Input data section start
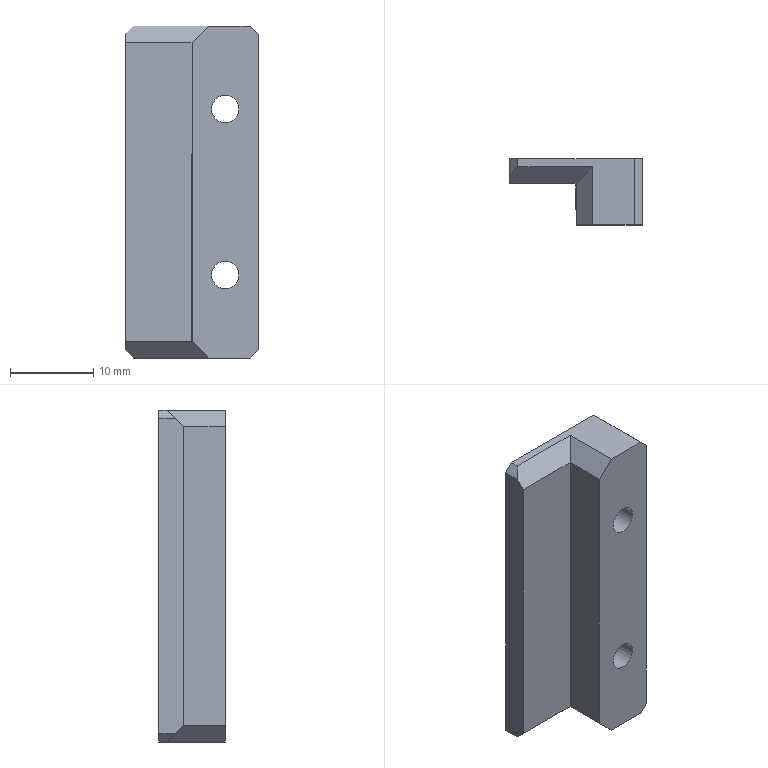Component | SolidWorks | J-TRD899MINI-2213-07DesiccantSlot-1 | 1 solid | 20 faces | box 16 x 8 x 40 mm | volume 3316 mm3 | plane 16 | cylinder 4 | commonest cylinder face diameters 3.3 x4 | material 6061
build123d program:
from build123d import *

# Parameters (mm, degrees)
BOSS_EXTRUDE1_DEPTH = 40
M4_TAPPED_HOLE1_D   = 3.3
CHAMFER1_SIZE       = 2
CHAMFER2_SIZE       = 1


with BuildPart() as part:
    # Sketch1 → Boss-Extrude1 (new body)
    with BuildSketch(Plane(origin=(0, 0, 0), x_dir=(0, 0, -1), z_dir=(1, 0, 0))):
        Polygon((0, 0), (8, 0), (8, 5), (16, 5), (16, 8), (0, 8), align=None)
    extrude(amount=BOSS_EXTRUDE1_DEPTH)

    # M4 Tapped Hole1 (through all)
    with Locations(Plane(origin=(0, 8, 0), x_dir=(1, 0, 0), z_dir=(0, 1, 0))):
        with Locations((10, 4), (30, 4)):
            Hole(M4_TAPPED_HOLE1_D / 2)

    # Chamfer1
    chamfer1_edges = [part.edges().sort_by_distance(p)[0] for p in [
        (40, 2.5, -8),
        (40, 5, -12),
        (0, 5, -12),
        (0, 2.5, -8),
    ]]
    chamfer(chamfer1_edges, length=CHAMFER1_SIZE)

    # Chamfer2
    chamfer2_edges = [part.edges().sort_by_distance(p)[0] for p in [
        (0, 7.5, -16),
        (40, 7.5, -16),
        (40, 4, 0),
        (0, 4, 0),
    ]]
    chamfer(chamfer2_edges, length=CHAMFER2_SIZE)


solid = part.part

# Placed as in the assembly
solid = solid.moved(Location((-45.663, -9.004, 169), (0, 90, 0)))
STEP:
#1=CARTESIAN_POINT('',(-2.02,-0.3545,6.26));
#2=VERTEX_POINT('',#1);
#3=CARTESIAN_POINT('',(-1.89,-0.3545,6.26));
#4=VERTEX_POINT('',#3);
#5=CARTESIAN_POINT('',(-1.955,-0.3545,6.26));
#6=DIRECTION('',(-0.,1.,0.));
#7=DIRECTION('',(1.,0.,0.));
#8=AXIS2_PLACEMENT_3D('',#5,#6,#7);
#9=CIRCLE('',#8,0.06496);
#10=EDGE_CURVE('',#2,#4,#9,.T.);
#11=ORIENTED_EDGE('',*,*,#10,.F.);
#12=CARTESIAN_POINT('',(-2.02,-0.03953,6.26));
#13=VERTEX_POINT('',#12);
#14=CARTESIAN_POINT('',(-2.02,-0.03953,6.26));
#15=DIRECTION('',(-0.,1.,0.));
#16=VECTOR('',#15,39.37);
#17=LINE('',#14,#16);
#18=EDGE_CURVE('',#2,#13,#17,.T.);
#19=ORIENTED_EDGE('',*,*,#18,.T.);
#20=CARTESIAN_POINT('',(-1.89,-0.03953,6.26));
#21=VERTEX_POINT('',#20);
#22=CARTESIAN_POINT('',(-1.955,-0.03953,6.26));
#23=DIRECTION('',(-0.,1.,0.));
#24=DIRECTION('',(1.,0.,0.));
#25=AXIS2_PLACEMENT_3D('',#22,#23,#24);
#26=CIRCLE('',#25,0.06496);
#27=EDGE_CURVE('',#13,#21,#26,.T.);
#28=ORIENTED_EDGE('',*,*,#27,.T.);
#29=CARTESIAN_POINT('',(-1.89,-0.03953,6.26));
#30=DIRECTION('',(-0.,1.,0.));
#31=VECTOR('',#30,39.37);
#32=LINE('',#29,#31);
#33=EDGE_CURVE('',#4,#21,#32,.T.);
#34=ORIENTED_EDGE('',*,*,#33,.F.);
#35=EDGE_LOOP('',(#11,#19,#28,#34));
#36=FACE_OUTER_BOUND('',#35,.T.);
#37=CARTESIAN_POINT('',(-1.955,-0.03953,6.26));
#38=DIRECTION('',(-0.,1.,0.));
#39=DIRECTION('',(1.,0.,0.));
#40=AXIS2_PLACEMENT_3D('',#37,#38,#39);
#41=CYLINDRICAL_SURFACE('',#40,0.06496);
#42=ADVANCED_FACE('',(#36),#41,.F.);
#43=CARTESIAN_POINT('',(-2.02,-0.3545,5.472));
#44=VERTEX_POINT('',#43);
#45=CARTESIAN_POINT('',(-1.89,-0.3545,5.472));
#46=VERTEX_POINT('',#45);
#47=CARTESIAN_POINT('',(-1.955,-0.3545,5.472));
#48=DIRECTION('',(-0.,1.,0.));
#49=DIRECTION('',(1.,0.,0.));
#50=AXIS2_PLACEMENT_3D('',#47,#48,#49);
#51=CIRCLE('',#50,0.06496);
#52=EDGE_CURVE('',#44,#46,#51,.T.);
#53=ORIENTED_EDGE('',*,*,#52,.F.);
#54=CARTESIAN_POINT('',(-2.02,-0.03953,5.472));
#55=VERTEX_POINT('',#54);
#56=CARTESIAN_POINT('',(-2.02,-0.03953,5.472));
#57=DIRECTION('',(-0.,1.,0.));
#58=VECTOR('',#57,39.37);
#59=LINE('',#56,#58);
#60=EDGE_CURVE('',#44,#55,#59,.T.);
#61=ORIENTED_EDGE('',*,*,#60,.T.);
#62=CARTESIAN_POINT('',(-1.89,-0.03953,5.472));
#63=VERTEX_POINT('',#62);
#64=CARTESIAN_POINT('',(-1.955,-0.03953,5.472));
#65=DIRECTION('',(-0.,1.,0.));
#66=DIRECTION('',(1.,0.,0.));
#67=AXIS2_PLACEMENT_3D('',#64,#65,#66);
#68=CIRCLE('',#67,0.06496);
#69=EDGE_CURVE('',#55,#63,#68,.T.);
#70=ORIENTED_EDGE('',*,*,#69,.T.);
#71=CARTESIAN_POINT('',(-1.89,-0.03953,5.472));
#72=DIRECTION('',(-0.,1.,0.));
#73=VECTOR('',#72,39.37);
#74=LINE('',#71,#73);
#75=EDGE_CURVE('',#46,#63,#74,.T.);
#76=ORIENTED_EDGE('',*,*,#75,.F.);
#77=EDGE_LOOP('',(#53,#61,#70,#76));
#78=FACE_OUTER_BOUND('',#77,.T.);
#79=CARTESIAN_POINT('',(-1.955,-0.03953,5.472));
#80=DIRECTION('',(-0.,1.,0.));
#81=DIRECTION('',(1.,0.,0.));
#82=AXIS2_PLACEMENT_3D('',#79,#80,#81);
#83=CYLINDRICAL_SURFACE('',#82,0.06496);
#84=ADVANCED_FACE('',(#78),#83,.F.);
#85=CARTESIAN_POINT('',(-1.798,-0.03953,5.118));
#86=VERTEX_POINT('',#85);
#87=CARTESIAN_POINT('',(-1.798,-0.03953,6.614));
#88=VERTEX_POINT('',#87);
#89=CARTESIAN_POINT('',(-1.798,-0.03953,5.079));
#90=DIRECTION('',(0.,-0.,1.));
#91=VECTOR('',#90,39.37);
#92=LINE('',#89,#91);
#93=EDGE_CURVE('',#86,#88,#92,.T.);
#94=ORIENTED_EDGE('',*,*,#93,.T.);
#95=CARTESIAN_POINT('',(-1.798,-0.3545,6.614));
#96=VERTEX_POINT('',#95);
#97=CARTESIAN_POINT('',(-1.798,-0.03953,6.614));
#98=DIRECTION('',(0.,-1.,-0.));
#99=VECTOR('',#98,39.37);
#100=LINE('',#97,#99);
#101=EDGE_CURVE('',#88,#96,#100,.T.);
#102=ORIENTED_EDGE('',*,*,#101,.T.);
#103=CARTESIAN_POINT('',(-1.798,-0.3545,5.118));
#104=VERTEX_POINT('',#103);
#105=CARTESIAN_POINT('',(-1.798,-0.3545,5.079));
#106=DIRECTION('',(0.,-0.,1.));
#107=VECTOR('',#106,39.37);
#108=LINE('',#105,#107);
#109=EDGE_CURVE('',#104,#96,#108,.T.);
#110=ORIENTED_EDGE('',*,*,#109,.F.);
#111=CARTESIAN_POINT('',(-1.798,-0.03953,5.118));
#112=DIRECTION('',(-0.,1.,0.));
#113=VECTOR('',#112,39.37);
#114=LINE('',#111,#113);
#115=EDGE_CURVE('',#104,#86,#114,.T.);
#116=ORIENTED_EDGE('',*,*,#115,.T.);
#117=EDGE_LOOP('',(#94,#102,#110,#116));
#118=FACE_OUTER_BOUND('',#117,.T.);
#119=CARTESIAN_POINT('',(-1.798,-0.03953,5.079));
#120=DIRECTION('',(-1.,-0.,0.));
#121=DIRECTION('',(-0.,1.,0.));
#122=AXIS2_PLACEMENT_3D('',#119,#120,#121);
#123=PLANE('',#122);
#124=ADVANCED_FACE('',(#118),#123,.F.);
#125=CARTESIAN_POINT('',(-1.955,-0.3545,6.26));
#126=DIRECTION('',(-0.,1.,0.));
#127=DIRECTION('',(1.,0.,0.));
#128=AXIS2_PLACEMENT_3D('',#125,#126,#127);
#129=CIRCLE('',#128,0.06496);
#130=EDGE_CURVE('',#4,#2,#129,.T.);
#131=ORIENTED_EDGE('',*,*,#130,.T.);
#132=ORIENTED_EDGE('',*,*,#10,.T.);
#133=EDGE_LOOP('',(#131,#132));
#134=FACE_BOUND('',#133,.T.);
#135=CARTESIAN_POINT('',(-1.955,-0.3545,5.472));
#136=DIRECTION('',(-0.,1.,0.));
#137=DIRECTION('',(1.,0.,0.));
#138=AXIS2_PLACEMENT_3D('',#135,#136,#137);
#139=CIRCLE('',#138,0.06496);
#140=EDGE_CURVE('',#46,#44,#139,.T.);
#141=ORIENTED_EDGE('',*,*,#140,.T.);
#142=ORIENTED_EDGE('',*,*,#52,.T.);
#143=EDGE_LOOP('',(#141,#142));
#144=FACE_BOUND('',#143,.T.);
#145=ORIENTED_EDGE('',*,*,#109,.T.);
#146=CARTESIAN_POINT('',(-1.837,-0.3545,6.654));
#147=VERTEX_POINT('',#146);
#148=CARTESIAN_POINT('',(-1.798,-0.3545,6.614));
#149=DIRECTION('',(-0.7071,-0.,0.7071));
#150=VECTOR('',#149,39.37);
#151=LINE('',#148,#150);
#152=EDGE_CURVE('',#96,#147,#151,.T.);
#153=ORIENTED_EDGE('',*,*,#152,.T.);
#154=CARTESIAN_POINT('',(-2.034,-0.3545,6.654));
#155=VERTEX_POINT('',#154);
#156=CARTESIAN_POINT('',(-1.798,-0.3545,6.654));
#157=DIRECTION('',(-1.,-0.,0.));
#158=VECTOR('',#157,39.37);
#159=LINE('',#156,#158);
#160=EDGE_CURVE('',#147,#155,#159,.T.);
#161=ORIENTED_EDGE('',*,*,#160,.T.);
#162=CARTESIAN_POINT('',(-2.113,-0.3545,6.575));
#163=VERTEX_POINT('',#162);
#164=CARTESIAN_POINT('',(-2.113,-0.3545,6.575));
#165=DIRECTION('',(-0.7071,-0.,-0.7071));
#166=VECTOR('',#165,39.37);
#167=LINE('',#164,#166);
#168=EDGE_CURVE('',#155,#163,#167,.T.);
#169=ORIENTED_EDGE('',*,*,#168,.T.);
#170=CARTESIAN_POINT('',(-2.113,-0.3545,5.157));
#171=VERTEX_POINT('',#170);
#172=CARTESIAN_POINT('',(-2.113,-0.3545,5.079));
#173=DIRECTION('',(0.,-0.,1.));
#174=VECTOR('',#173,39.37);
#175=LINE('',#172,#174);
#176=EDGE_CURVE('',#171,#163,#175,.T.);
#177=ORIENTED_EDGE('',*,*,#176,.F.);
#178=CARTESIAN_POINT('',(-2.034,-0.3545,5.079));
#179=VERTEX_POINT('',#178);
#180=CARTESIAN_POINT('',(-2.034,-0.3545,5.079));
#181=DIRECTION('',(0.7071,0.,-0.7071));
#182=VECTOR('',#181,39.37);
#183=LINE('',#180,#182);
#184=EDGE_CURVE('',#171,#179,#183,.T.);
#185=ORIENTED_EDGE('',*,*,#184,.T.);
#186=CARTESIAN_POINT('',(-1.837,-0.3545,5.079));
#187=VERTEX_POINT('',#186);
#188=CARTESIAN_POINT('',(-1.798,-0.3545,5.079));
#189=DIRECTION('',(-1.,-0.,0.));
#190=VECTOR('',#189,39.37);
#191=LINE('',#188,#190);
#192=EDGE_CURVE('',#187,#179,#191,.T.);
#193=ORIENTED_EDGE('',*,*,#192,.F.);
#194=CARTESIAN_POINT('',(-1.837,-0.3545,5.079));
#195=DIRECTION('',(0.7071,-0.,0.7071));
#196=VECTOR('',#195,39.37);
#197=LINE('',#194,#196);
#198=EDGE_CURVE('',#187,#104,#197,.T.);
#199=ORIENTED_EDGE('',*,*,#198,.T.);
#200=EDGE_LOOP('',(#145,#153,#161,#169,#177,#185,#193,#199));
#201=FACE_OUTER_BOUND('',#200,.T.);
#202=CARTESIAN_POINT('',(-1.798,-0.3545,5.079));
#203=DIRECTION('',(-0.,1.,0.));
#204=DIRECTION('',(1.,0.,-0.));
#205=AXIS2_PLACEMENT_3D('',#202,#203,#204);
#206=PLANE('',#205);
#207=ADVANCED_FACE('',(#134,#144,#201),#206,.F.);
#208=ORIENTED_EDGE('',*,*,#176,.T.);
#209=CARTESIAN_POINT('',(-2.113,-0.1576,6.575));
#210=VERTEX_POINT('',#209);
#211=CARTESIAN_POINT('',(-2.113,-0.3545,6.575));
#212=DIRECTION('',(-0.,1.,0.));
#213=VECTOR('',#212,39.37);
#214=LINE('',#211,#213);
#215=EDGE_CURVE('',#163,#210,#214,.T.);
#216=ORIENTED_EDGE('',*,*,#215,.T.);
#217=CARTESIAN_POINT('',(-2.113,-0.1576,5.157));
#218=VERTEX_POINT('',#217);
#219=CARTESIAN_POINT('',(-2.113,-0.1576,5.079));
#220=DIRECTION('',(0.,-0.,1.));
#221=VECTOR('',#220,39.37);
#222=LINE('',#219,#221);
#223=EDGE_CURVE('',#218,#210,#222,.T.);
#224=ORIENTED_EDGE('',*,*,#223,.F.);
#225=CARTESIAN_POINT('',(-2.113,-0.3545,5.157));
#226=DIRECTION('',(0.,-1.,-0.));
#227=VECTOR('',#226,39.37);
#228=LINE('',#225,#227);
#229=EDGE_CURVE('',#218,#171,#228,.T.);
#230=ORIENTED_EDGE('',*,*,#229,.T.);
#231=EDGE_LOOP('',(#208,#216,#224,#230));
#232=FACE_OUTER_BOUND('',#231,.T.);
#233=CARTESIAN_POINT('',(-2.113,-0.3545,5.079));
#234=DIRECTION('',(1.,0.,-0.));
#235=DIRECTION('',(-0.,0.,-1.));
#236=AXIS2_PLACEMENT_3D('',#233,#234,#235);
#237=PLANE('',#236);
#238=ADVANCED_FACE('',(#232),#237,.F.);
#239=ORIENTED_EDGE('',*,*,#223,.T.);
#240=CARTESIAN_POINT('',(-2.428,-0.1576,6.575));
#241=VERTEX_POINT('',#240);
#242=CARTESIAN_POINT('',(-2.113,-0.1576,6.575));
#243=DIRECTION('',(-1.,-0.,0.));
#244=VECTOR('',#243,39.37);
#245=LINE('',#242,#244);
#246=EDGE_CURVE('',#210,#241,#245,.T.);
#247=ORIENTED_EDGE('',*,*,#246,.T.);
#248=CARTESIAN_POINT('',(-2.428,-0.1576,5.157));
#249=VERTEX_POINT('',#248);
#250=CARTESIAN_POINT('',(-2.428,-0.1576,5.079));
#251=DIRECTION('',(0.,-0.,1.));
#252=VECTOR('',#251,39.37);
#253=LINE('',#250,#252);
#254=EDGE_CURVE('',#249,#241,#253,.T.);
#255=ORIENTED_EDGE('',*,*,#254,.F.);
#256=CARTESIAN_POINT('',(-2.113,-0.1576,5.157));
#257=DIRECTION('',(1.,0.,-0.));
#258=VECTOR('',#257,39.37);
#259=LINE('',#256,#258);
#260=EDGE_CURVE('',#249,#218,#259,.T.);
#261=ORIENTED_EDGE('',*,*,#260,.T.);
#262=EDGE_LOOP('',(#239,#247,#255,#261));
#263=FACE_OUTER_BOUND('',#262,.T.);
#264=CARTESIAN_POINT('',(-2.113,-0.1576,5.079));
#265=DIRECTION('',(-0.,1.,0.));
#266=DIRECTION('',(1.,0.,-0.));
#267=AXIS2_PLACEMENT_3D('',#264,#265,#266);
#268=PLANE('',#267);
#269=ADVANCED_FACE('',(#263),#268,.F.);
#270=CARTESIAN_POINT('',(-2.428,-0.1183,6.614));
#271=VERTEX_POINT('',#270);
#272=CARTESIAN_POINT('',(-2.428,-0.1576,6.575));
#273=DIRECTION('',(-0.,0.7071,0.7071));
#274=VECTOR('',#273,39.37);
#275=LINE('',#272,#274);
#276=EDGE_CURVE('',#241,#271,#275,.T.);
#277=ORIENTED_EDGE('',*,*,#276,.T.);
#278=CARTESIAN_POINT('',(-2.428,-0.03953,6.614));
#279=VERTEX_POINT('',#278);
#280=CARTESIAN_POINT('',(-2.428,-0.1576,6.614));
#281=DIRECTION('',(-0.,1.,0.));
#282=VECTOR('',#281,39.37);
#283=LINE('',#280,#282);
#284=EDGE_CURVE('',#271,#279,#283,.T.);
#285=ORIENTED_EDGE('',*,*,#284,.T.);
Input data section end
● **Exercise requirements**
What you give back must be the stretch above, starting at the line with "#165=DIRECTION('',(-0.7071,-0.,-0.7071));" and ending at the line with "#173=DIRECTION('',(0.,-0.,1.));", copied exactly.

● **Exercise answer**
#165=DIRECTION('',(-0.7071,-0.,-0.7071));
#166=VECTOR('',#165,39.37);
#167=LINE('',#164,#166);
#168=EDGE_CURVE('',#155,#163,#167,.T.);
#169=ORIENTED_EDGE('',*,*,#168,.T.);
#170=CARTESIAN_POINT('',(-2.113,-0.3545,5.157));
#171=VERTEX_POINT('',#170);
#172=CARTESIAN_POINT('',(-2.113,-0.3545,5.079));
#173=DIRECTION('',(0.,-0.,1.));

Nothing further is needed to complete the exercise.